(Items from a dataset)
►

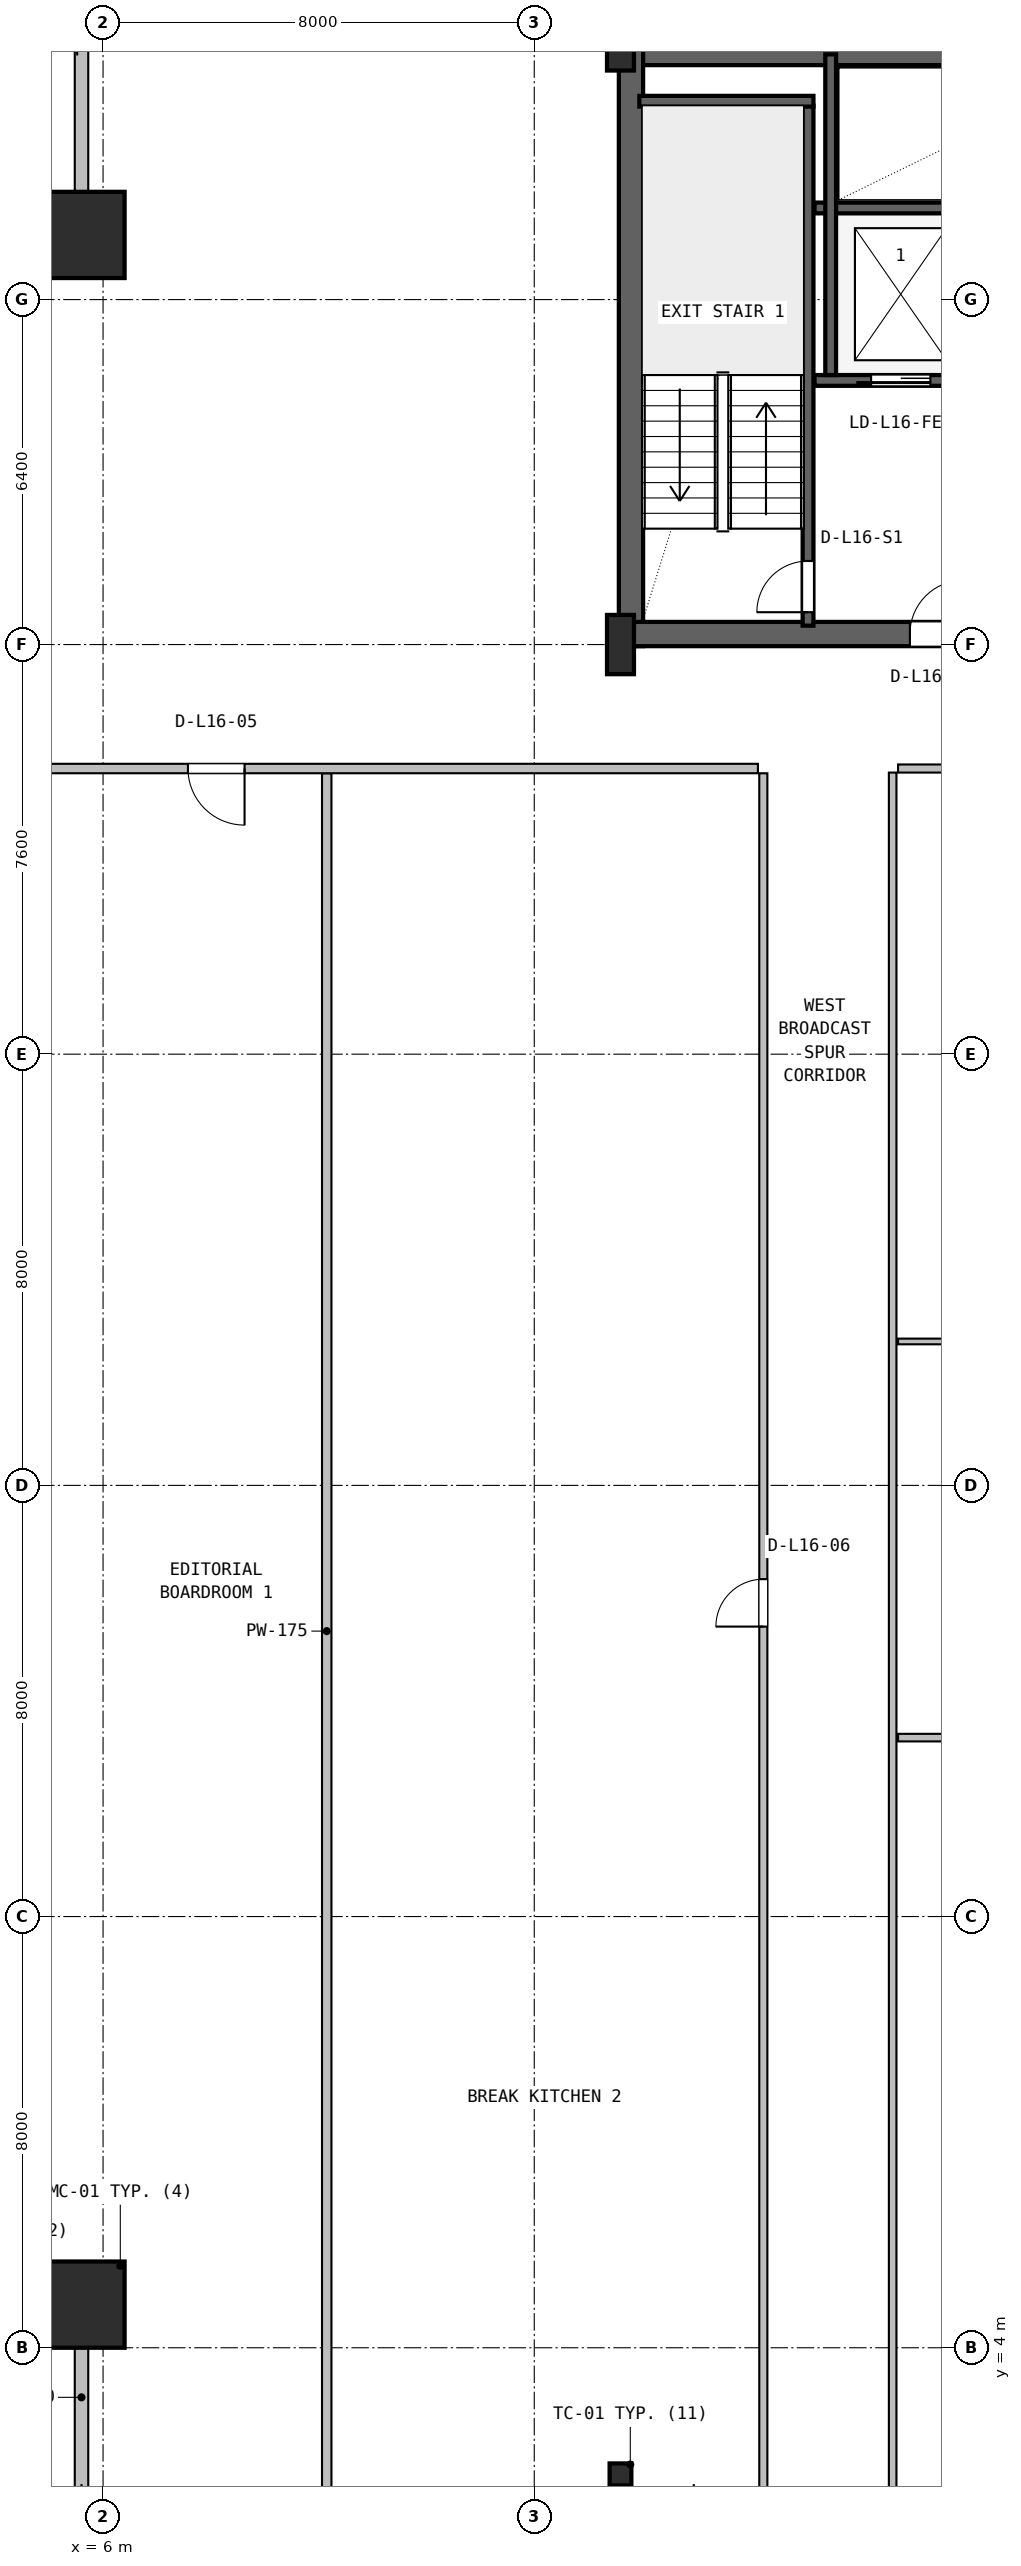
"""IFC4 building model, lengths in metres.
Left out: names, types, materials, properties, quantities, classifications, styles, units other than length and angle.
Written with IfcOpenShell. Run it as: python <this file> out.ifc"""

import sys

from ifc_helpers import new_model, si_unit, direction, frame, frame_2d, origin, origin_2d, place, context, subcontext, project, spatial, rectangle, hollow_rectangle, i_section, extrude, source, transform, mapped, element, fill, save


model = new_model("IFC4")
c1 = context("Model", 3, precision=1e-05, world=origin(), true_north=direction((0.0, 1.0)))
c2 = subcontext(c1, "Body", "Model", "MODEL_VIEW")
j1 = project(units=[si_unit("LENGTHUNIT", "METRE"), si_unit("PLANEANGLEUNIT", "RADIAN")], contexts=[c1])
p1 = place(None, origin())
s1 = spatial("IfcSite", under=j1, at=p1, CompositionType="ELEMENT")
p2 = place(p1, origin())
s2 = spatial("IfcBuilding", under=s1, at=p2, CompositionType="ELEMENT")
p3 = place(p2, frame((0.0, 0.0, 70.5)))
s3 = spatial("IfcBuildingStorey", under=s2, at=p3, CompositionType="ELEMENT", Elevation=70.5)
p4 = place(p3, frame((15.6, 46.575, 0.0), z_axis=(0.0, 0.0, 1.0), x_axis=(1.0, 0.0, 0.0)))
e1 = element("IfcWall", 1, at=p4, inside=s3, PredefinedType="SHEAR", context=c2, shape_type="SweptSolid", body=[
    extrude(rectangle(XDim=36.8, YDim=0.45, at=frame_2d((18.4, 0.0))), origin(), (0.0, 0.0, 1.0), 3.65),
])
p5 = place(p3, frame((15.795, 35.57, 0.0), z_axis=(0.0, 0.0, 1.0), x_axis=(0.0, 1.0, 0.0)))
e2 = element("IfcWall", 2, at=p5, inside=s3, PredefinedType="SHEAR", context=c2, shape_type="SweptSolid", body=[
    extrude(rectangle(XDim=11.23, YDim=0.45, at=frame_2d((5.615, 0.0))), origin(), (0.0, 0.0, 1.0), 3.65),
])
p6 = place(p3, frame((15.57, 35.795, 0.0), z_axis=(0.0, 0.0, 1.0), x_axis=(1.0, 0.0, 0.0)))
e3 = element("IfcWall", 3, at=p6, inside=s3, PredefinedType="SHEAR", context=c2, shape_type="SweptSolid", body=[
    extrude(rectangle(XDim=9.23, YDim=0.45, at=frame_2d((4.615, 0.0))), origin(), (0.0, 0.0, 1.0), 3.65),
])
p7 = place(p6, frame((5.4, 0.0, 0.0)))
e4 = element("IfcOpeningElement", 4, at=p7, cuts=e3, PredefinedType="OPENING", context=c2, shape_type="SweptSolid", body=[
    extrude(rectangle(XDim=1.0, YDim=2.1, at=frame_2d((0.5, 1.05))), frame((0.0, 0.235, 0.0), z_axis=(0.0, -1.0, 0.0), x_axis=(1.0, 0.0, 0.0)), (0.0, 0.0, 1.0), 0.47),
])
m1 = source(origin(), c2, "Body", "SweptSolid", [
    extrude(i_section(OverallWidth=0.5, OverallDepth=1.1, WebThickness=0.018, FlangeThickness=0.032, FilletRadius=0.018, at=origin_2d()), origin(), (0.0, 0.0, 1.0), 3.9),
])
for number, where, z_axis, x_axis in (
    (5, (15.6, 35.6, 0.0), (0.0, 0.0, 1.0), (1.0, 0.0, 0.0)),
    (6, (15.6, 46.8, 0.0), (0.0, 0.0, 1.0), (1.0, 0.0, 0.0)),
):
    element("IfcColumn", number, at=place(p3, frame(where, z_axis=z_axis, x_axis=x_axis)), inside=s3, PredefinedType="COLUMN", context=c2, shape_type="MappedRepresentation", body=[
        mapped(m1, transform((0.0, 0.0, 0.0), x_axis=(1.0, 0.0, 0.0), y_axis=(0.0, 1.0, 0.0), z_axis=(0.0, 0.0, 1.0), scale=1.0)),
    ])
m2 = source(origin(), c2, "Body", "SweptSolid", [
    extrude(hollow_rectangle(XDim=1.6, YDim=1.6, WallThickness=0.06, at=origin_2d()), origin(), (0.0, 0.0, 1.0), 3.9),
])
for number, where, z_axis, x_axis in (
    (7, (5.6, 4.8, 0.0), (0.0, 0.0, 1.0), (1.0, 0.0, 0.0)),
    (8, (5.6, 43.2, 0.0), (0.0, 0.0, 1.0), (1.0, 0.0, 0.0)),
):
    element("IfcColumn", number, at=place(p3, frame(where, z_axis=z_axis, x_axis=x_axis)), inside=s3, PredefinedType="COLUMN", context=c2, shape_type="MappedRepresentation", body=[
        mapped(m2, transform((0.0, 0.0, 0.0), x_axis=(1.0, 0.0, 0.0), y_axis=(0.0, 1.0, 0.0), z_axis=(0.0, 0.0, 1.0), scale=1.0)),
    ])
m3 = source(origin(), c2, "Body", "SweptSolid", [
    extrude(i_section(OverallWidth=0.404, OverallDepth=0.407, WebThickness=0.027, FlangeThickness=0.044, FilletRadius=0.018, at=origin_2d()), origin(), (0.0, 0.0, 1.0), 3.9),
])
p8 = place(p3, frame((15.6, 1.65, 0.0), z_axis=(0.0, 0.0, 1.0), x_axis=(1.0, 0.0, 0.0)))
e9 = element("IfcColumn", 9, at=p8, inside=s3, PredefinedType="COLUMN", context=c2, shape_type="MappedRepresentation", body=[
    mapped(m3, transform((0.0, 0.0, 0.0), x_axis=(1.0, 0.0, 0.0), y_axis=(0.0, 1.0, 0.0), z_axis=(0.0, 0.0, 1.0), scale=1.0)),
])
p9 = place(p3, frame((5.6, 1.28, 0.0), z_axis=(0.0, 0.0, 1.0), x_axis=(0.0, 1.0, 0.0)))
e10 = element("IfcWall", 10, at=p9, inside=s3, PredefinedType="SOLIDWALL", context=c2, shape_type="SweptSolid", body=[
    extrude(rectangle(XDim=3.6, YDim=0.25, at=frame_2d((1.8, 0.0))), origin(), (0.0, 0.0, 1.0), 3.208),
])
p10 = place(p3, frame((2.08, 43.2, 0.0), z_axis=(0.0, 0.0, 1.0), x_axis=(1.0, 0.0, 0.0)))
e11 = element("IfcWall", 11, at=p10, inside=s3, PredefinedType="SOLIDWALL", context=c2, shape_type="SweptSolid", body=[
    extrude(rectangle(XDim=3.39, YDim=0.25, at=frame_2d((1.695, 0.0))), origin(), (0.0, 0.0, 1.0), 3.63),
])
p11 = place(p3, frame((5.6, 43.12, 0.0), z_axis=(0.0, 0.0, 1.0), x_axis=(0.0, 1.0, 0.0)))
e12 = element("IfcWall", 12, at=p11, inside=s3, PredefinedType="SOLIDWALL", context=c2, shape_type="SweptSolid", body=[
    extrude(rectangle(XDim=3.6, YDim=0.25, at=frame_2d((1.8, 0.0))), origin(), (0.0, 0.0, 1.0), 3.208),
])
p12 = place(p3, frame((19.08, 35.95, 0.0), z_axis=(0.0, 0.0, 1.0), x_axis=(0.0, 1.0, 0.0)))
e13 = element("IfcWall", 13, at=p12, inside=s3, PredefinedType="SHEAR", context=c2, shape_type="SweptSolid", body=[
    extrude(rectangle(XDim=9.65, YDim=0.2, at=frame_2d((4.825, 0.0))), origin(), (0.0, 0.0, 1.0), 3.65),
])
p13 = place(p12, frame((0.25, 0.0, 0.0)))
e14 = element("IfcOpeningElement", 14, at=p13, cuts=e13, PredefinedType="OPENING", context=c2, shape_type="SweptSolid", body=[
    extrude(rectangle(XDim=0.95, YDim=2.1, at=frame_2d((0.475, 1.05))), frame((0.0, 0.11, 0.0), z_axis=(0.0, -1.0, 0.0), x_axis=(1.0, 0.0, 0.0)), (0.0, 0.0, 1.0), 0.22),
])
p14 = place(p3, frame((15.95, 45.68, 0.0), z_axis=(0.0, 0.0, 1.0), x_axis=(1.0, 0.0, 0.0)))
e15 = element("IfcWall", 15, at=p14, inside=s3, PredefinedType="SHEAR", context=c2, shape_type="SweptSolid", body=[
    extrude(rectangle(XDim=3.23, YDim=0.2, at=frame_2d((1.615, 0.0))), origin(), (0.0, 0.0, 1.0), 3.65),
])
p15 = place(p3, frame((19.2, 40.5, 0.0), z_axis=(0.0, 0.0, 1.0), x_axis=(1.0, 0.0, 0.0)))
e16 = element("IfcWall", 16, at=p15, inside=s3, PredefinedType="SHEAR", context=c2, shape_type="SweptSolid", body=[
    extrude(rectangle(XDim=5.52, YDim=0.2, at=frame_2d((2.76, 0.0))), origin(), (0.0, 0.0, 1.0), 3.65),
])
p16 = place(p15, frame((1.05, 0.0, 0.0)))
e17 = element("IfcOpeningElement", 17, at=p16, cuts=e16, PredefinedType="OPENING", context=c2, shape_type="SweptSolid", body=[
    extrude(rectangle(XDim=1.1, YDim=2.18, at=frame_2d((0.55, 1.09))), frame((0.0, 0.11, 0.0), z_axis=(0.0, -1.0, 0.0), x_axis=(1.0, 0.0, 0.0)), (0.0, 0.0, 1.0), 0.22),
])
p17 = place(p15, frame((3.65, 0.0, 0.0)))
e18 = element("IfcOpeningElement", 18, at=p17, cuts=e16, PredefinedType="OPENING", context=c2, shape_type="SweptSolid", body=[
    extrude(rectangle(XDim=1.1, YDim=2.18, at=frame_2d((0.55, 1.09))), frame((0.0, 0.11, 0.0), z_axis=(0.0, -1.0, 0.0), x_axis=(1.0, 0.0, 0.0)), (0.0, 0.0, 1.0), 0.22),
])
p18 = place(p3, frame((19.2, 43.7, 0.0), z_axis=(0.0, 0.0, 1.0), x_axis=(1.0, 0.0, 0.0)))
e19 = element("IfcWall", 19, at=p18, inside=s3, PredefinedType="SHEAR", context=c2, shape_type="SweptSolid", body=[
    extrude(rectangle(XDim=5.52, YDim=0.2, at=frame_2d((2.76, 0.0))), origin(), (0.0, 0.0, 1.0), 3.65),
])
p19 = place(p3, frame((19.5, 40.6, 0.0), z_axis=(0.0, 0.0, 1.0), x_axis=(0.0, 1.0, 0.0)))
e20 = element("IfcWall", 20, at=p19, inside=s3, PredefinedType="SHEAR", context=c2, shape_type="SweptSolid", body=[
    extrude(rectangle(XDim=5.95, YDim=0.2, at=frame_2d((2.975, 0.0))), origin(), (0.0, 0.0, 1.0), 3.65),
])
p20 = place(p3, frame((10.15, 1.38, 0.0), z_axis=(0.0, 0.0, 1.0), x_axis=(0.0, 1.0, 0.0)))
e21 = element("IfcWall", 21, at=p20, inside=s3, PredefinedType="PARTITIONING", context=c2, shape_type="SweptSolid", body=[
    extrude(rectangle(XDim=31.832, YDim=0.175, at=frame_2d((15.916, 0.0))), origin(), (0.0, 0.0, 1.0), 3.208),
])
p21 = place(p3, frame((2.18, 33.3, 0.0), z_axis=(0.0, 0.0, 1.0), x_axis=(1.0, 0.0, 0.0)))
e22 = element("IfcWall", 22, at=p21, inside=s3, PredefinedType="PARTITIONING", context=c2, shape_type="SweptSolid", body=[
    extrude(rectangle(XDim=15.97, YDim=0.175, at=frame_2d((7.985, 0.0))), origin(), (0.0, 0.0, 1.0), 3.208),
])
p22 = place(p21, frame((5.395, 0.0, 0.0)))
e23 = element("IfcOpeningElement", 23, at=p22, cuts=e22, PredefinedType="OPENING", context=c2, shape_type="SweptSolid", body=[
    extrude(rectangle(XDim=1.05, YDim=2.1, at=frame_2d((0.525, 1.05))), frame((0.0, 0.098, 0.0), z_axis=(0.0, -1.0, 0.0), x_axis=(1.0, 0.0, 0.0)), (0.0, 0.0, 1.0), 0.195),
])
p23 = place(p3, frame((18.25, 1.38, 0.0), z_axis=(0.0, 0.0, 1.0), x_axis=(0.0, 1.0, 0.0)))
e24 = element("IfcWall", 24, at=p23, inside=s3, PredefinedType="PARTITIONING", context=c2, shape_type="SweptSolid", body=[
    extrude(rectangle(XDim=31.832, YDim=0.15, at=frame_2d((15.916, 0.0))), origin(), (0.0, 0.0, 1.0), 3.208),
])
p24 = place(p23, frame((16.0, 0.0, 0.0)))
e25 = element("IfcOpeningElement", 25, at=p24, cuts=e24, PredefinedType="OPENING", context=c2, shape_type="SweptSolid", body=[
    extrude(rectangle(XDim=0.88, YDim=2.06, at=frame_2d((0.44, 1.03))), frame((0.0, 0.085, 0.0), z_axis=(0.0, -1.0, 0.0), x_axis=(1.0, 0.0, 0.0)), (0.0, 0.0, 1.0), 0.17),
])
p25 = place(p3, frame((20.75, 15.32, 0.0), z_axis=(0.0, 0.0, 1.0), x_axis=(1.0, 0.0, 0.0)))
e26 = element("IfcWall", 26, at=p25, inside=s3, PredefinedType="PARTITIONING", context=c2, shape_type="SweptSolid", body=[
    extrude(rectangle(XDim=23.96, YDim=0.14, at=frame_2d((11.98, 0.0))), origin(), (0.0, 0.0, 1.0), 2.852),
])
p26 = place(p3, frame((20.65, 1.38, 0.0), z_axis=(0.0, 0.0, 1.0), x_axis=(0.0, 1.0, 0.0)))
e27 = element("IfcWall", 27, at=p26, inside=s3, PredefinedType="PARTITIONING", context=c2, shape_type="SweptSolid", body=[
    extrude(rectangle(XDim=31.845, YDim=0.14, at=frame_2d((15.923, 0.0))), origin(), (0.0, 0.0, 1.0), 3.208),
])
p27 = place(p3, frame((20.75, 22.67, 0.0), z_axis=(0.0, 0.0, 1.0), x_axis=(1.0, 0.0, 0.0)))
e28 = element("IfcWall", 28, at=p27, inside=s3, PredefinedType="PARTITIONING", context=c2, shape_type="SweptSolid", body=[
    extrude(rectangle(XDim=23.96, YDim=0.105, at=frame_2d((11.98, 0.0))), origin(), (0.0, 0.0, 1.0), 2.852),
])
p28 = place(p3, frame((20.75, 33.3, 0.0), z_axis=(0.0, 0.0, 1.0), x_axis=(1.0, 0.0, 0.0)))
e29 = element("IfcWall", 29, at=p28, inside=s3, PredefinedType="PARTITIONING", context=c2, shape_type="SweptSolid", body=[
    extrude(rectangle(XDim=23.96, YDim=0.15, at=frame_2d((11.98, 0.0))), origin(), (0.0, 0.0, 1.0), 2.852),
])
p29 = place(p28, frame((11.52, 0.0, 0.0)))
e30 = element("IfcOpeningElement", 30, at=p29, cuts=e29, PredefinedType="OPENING", context=c2, shape_type="SweptSolid", body=[
    extrude(rectangle(XDim=0.92, YDim=2.08, at=frame_2d((0.46, 1.04))), frame((0.0, 0.085, 0.0), z_axis=(0.0, -1.0, 0.0), x_axis=(1.0, 0.0, 0.0)), (0.0, 0.0, 1.0), 0.17),
])
m4 = source(origin(), c2, "Body", "SweptSolid", [
    extrude(rectangle(XDim=0.95, YDim=2.1, at=frame_2d((0.475, 1.05))), frame((0.0, 0.025, 0.0), z_axis=(0.0, -1.0, 0.0), x_axis=(1.0, 0.0, 0.0)), (0.0, 0.0, 1.0), 0.05),
])
p30 = place(p13, origin())
e31 = element("IfcDoor", 31, at=p30, inside=s3, OperationType="SINGLE_SWING_LEFT", PredefinedType="DOOR", context=c2, shape_type="MappedRepresentation", body=[
    mapped(m4, transform((0.0, 0.0, 0.0), x_axis=(1.0, 0.0, 0.0), y_axis=(0.0, 1.0, 0.0), z_axis=(0.0, 0.0, 1.0), scale=1.0)),
])
fill(e14, e31)
m5 = source(origin(), c2, "Body", "SweptSolid", [
    extrude(rectangle(XDim=1.0, YDim=2.1, at=frame_2d((0.5, 1.05))), frame((0.0, 0.025, 0.0), z_axis=(0.0, -1.0, 0.0), x_axis=(1.0, 0.0, 0.0)), (0.0, 0.0, 1.0), 0.05),
])
p31 = place(p7, origin())
e32 = element("IfcDoor", 32, at=p31, inside=s3, OperationType="SINGLE_SWING_RIGHT", PredefinedType="DOOR", context=c2, shape_type="MappedRepresentation", body=[
    mapped(m5, transform((0.0, 0.0, 0.0), x_axis=(1.0, 0.0, 0.0), y_axis=(0.0, 1.0, 0.0), z_axis=(0.0, 0.0, 1.0), scale=1.0)),
])
fill(e4, e32)
m6 = source(origin(), c2, "Body", "SweptSolid", [
    extrude(rectangle(XDim=1.1, YDim=2.18, at=frame_2d((0.55, 1.09))), frame((0.0, 0.025, 0.0), z_axis=(0.0, -1.0, 0.0), x_axis=(1.0, 0.0, 0.0)), (0.0, 0.0, 1.0), 0.05),
])
p32 = place(p16, frame((1.1, 0.0, 0.0), z_axis=(0.0, 0.0, 1.0), x_axis=(-1.0, 0.0, 0.0)))
e33 = element("IfcDoor", 33, at=p32, inside=s3, OperationType="SLIDING_TO_LEFT", PredefinedType="DOOR", context=c2, shape_type="MappedRepresentation", body=[
    mapped(m6, transform((0.0, 0.0, 0.0), x_axis=(1.0, 0.0, 0.0), y_axis=(0.0, 1.0, 0.0), z_axis=(0.0, 0.0, 1.0), scale=1.0)),
])
fill(e17, e33)
m7 = source(origin(), c2, "Body", "SweptSolid", [
    extrude(rectangle(XDim=1.05, YDim=2.1, at=frame_2d((0.525, 1.05))), frame((0.0, 0.025, 0.0), z_axis=(0.0, -1.0, 0.0), x_axis=(1.0, 0.0, 0.0)), (0.0, 0.0, 1.0), 0.05),
])
p33 = place(p22, frame((1.05, 0.0, 0.0), z_axis=(0.0, 0.0, 1.0), x_axis=(-1.0, 0.0, 0.0)))
e34 = element("IfcDoor", 34, at=p33, inside=s3, OperationType="SINGLE_SWING_RIGHT", PredefinedType="DOOR", context=c2, shape_type="MappedRepresentation", body=[
    mapped(m7, transform((0.0, 0.0, 0.0), x_axis=(1.0, 0.0, 0.0), y_axis=(0.0, 1.0, 0.0), z_axis=(0.0, 0.0, 1.0), scale=1.0)),
])
fill(e23, e34)
m8 = source(origin(), c2, "Body", "SweptSolid", [
    extrude(rectangle(XDim=0.88, YDim=2.06, at=frame_2d((0.44, 1.03))), frame((0.0, 0.025, 0.0), z_axis=(0.0, -1.0, 0.0), x_axis=(1.0, 0.0, 0.0)), (0.0, 0.0, 1.0), 0.05),
])
p34 = place(p24, origin())
e35 = element("IfcDoor", 35, at=p34, inside=s3, OperationType="SINGLE_SWING_LEFT", PredefinedType="DOOR", context=c2, shape_type="MappedRepresentation", body=[
    mapped(m8, transform((0.0, 0.0, 0.0), x_axis=(1.0, 0.0, 0.0), y_axis=(0.0, 1.0, 0.0), z_axis=(0.0, 0.0, 1.0), scale=1.0)),
])
fill(e25, e35)
save(model, sys.argv[1])

◄

▶ _WORK INSTRUCTIONS_
Read the entries above and find each line holding the word "under". Copy it out.

▶ _RESULT FOR THIS EXERCISE_
s1 = spatial("IfcSite", under=j1, at=p1, CompositionType="ELEMENT")
s2 = spatial("IfcBuilding", under=s1, at=p2, CompositionType="ELEMENT")
s3 = spatial("IfcBuildingStorey", under=s2, at=p3, CompositionType="ELEMENT", Elevation=70.5)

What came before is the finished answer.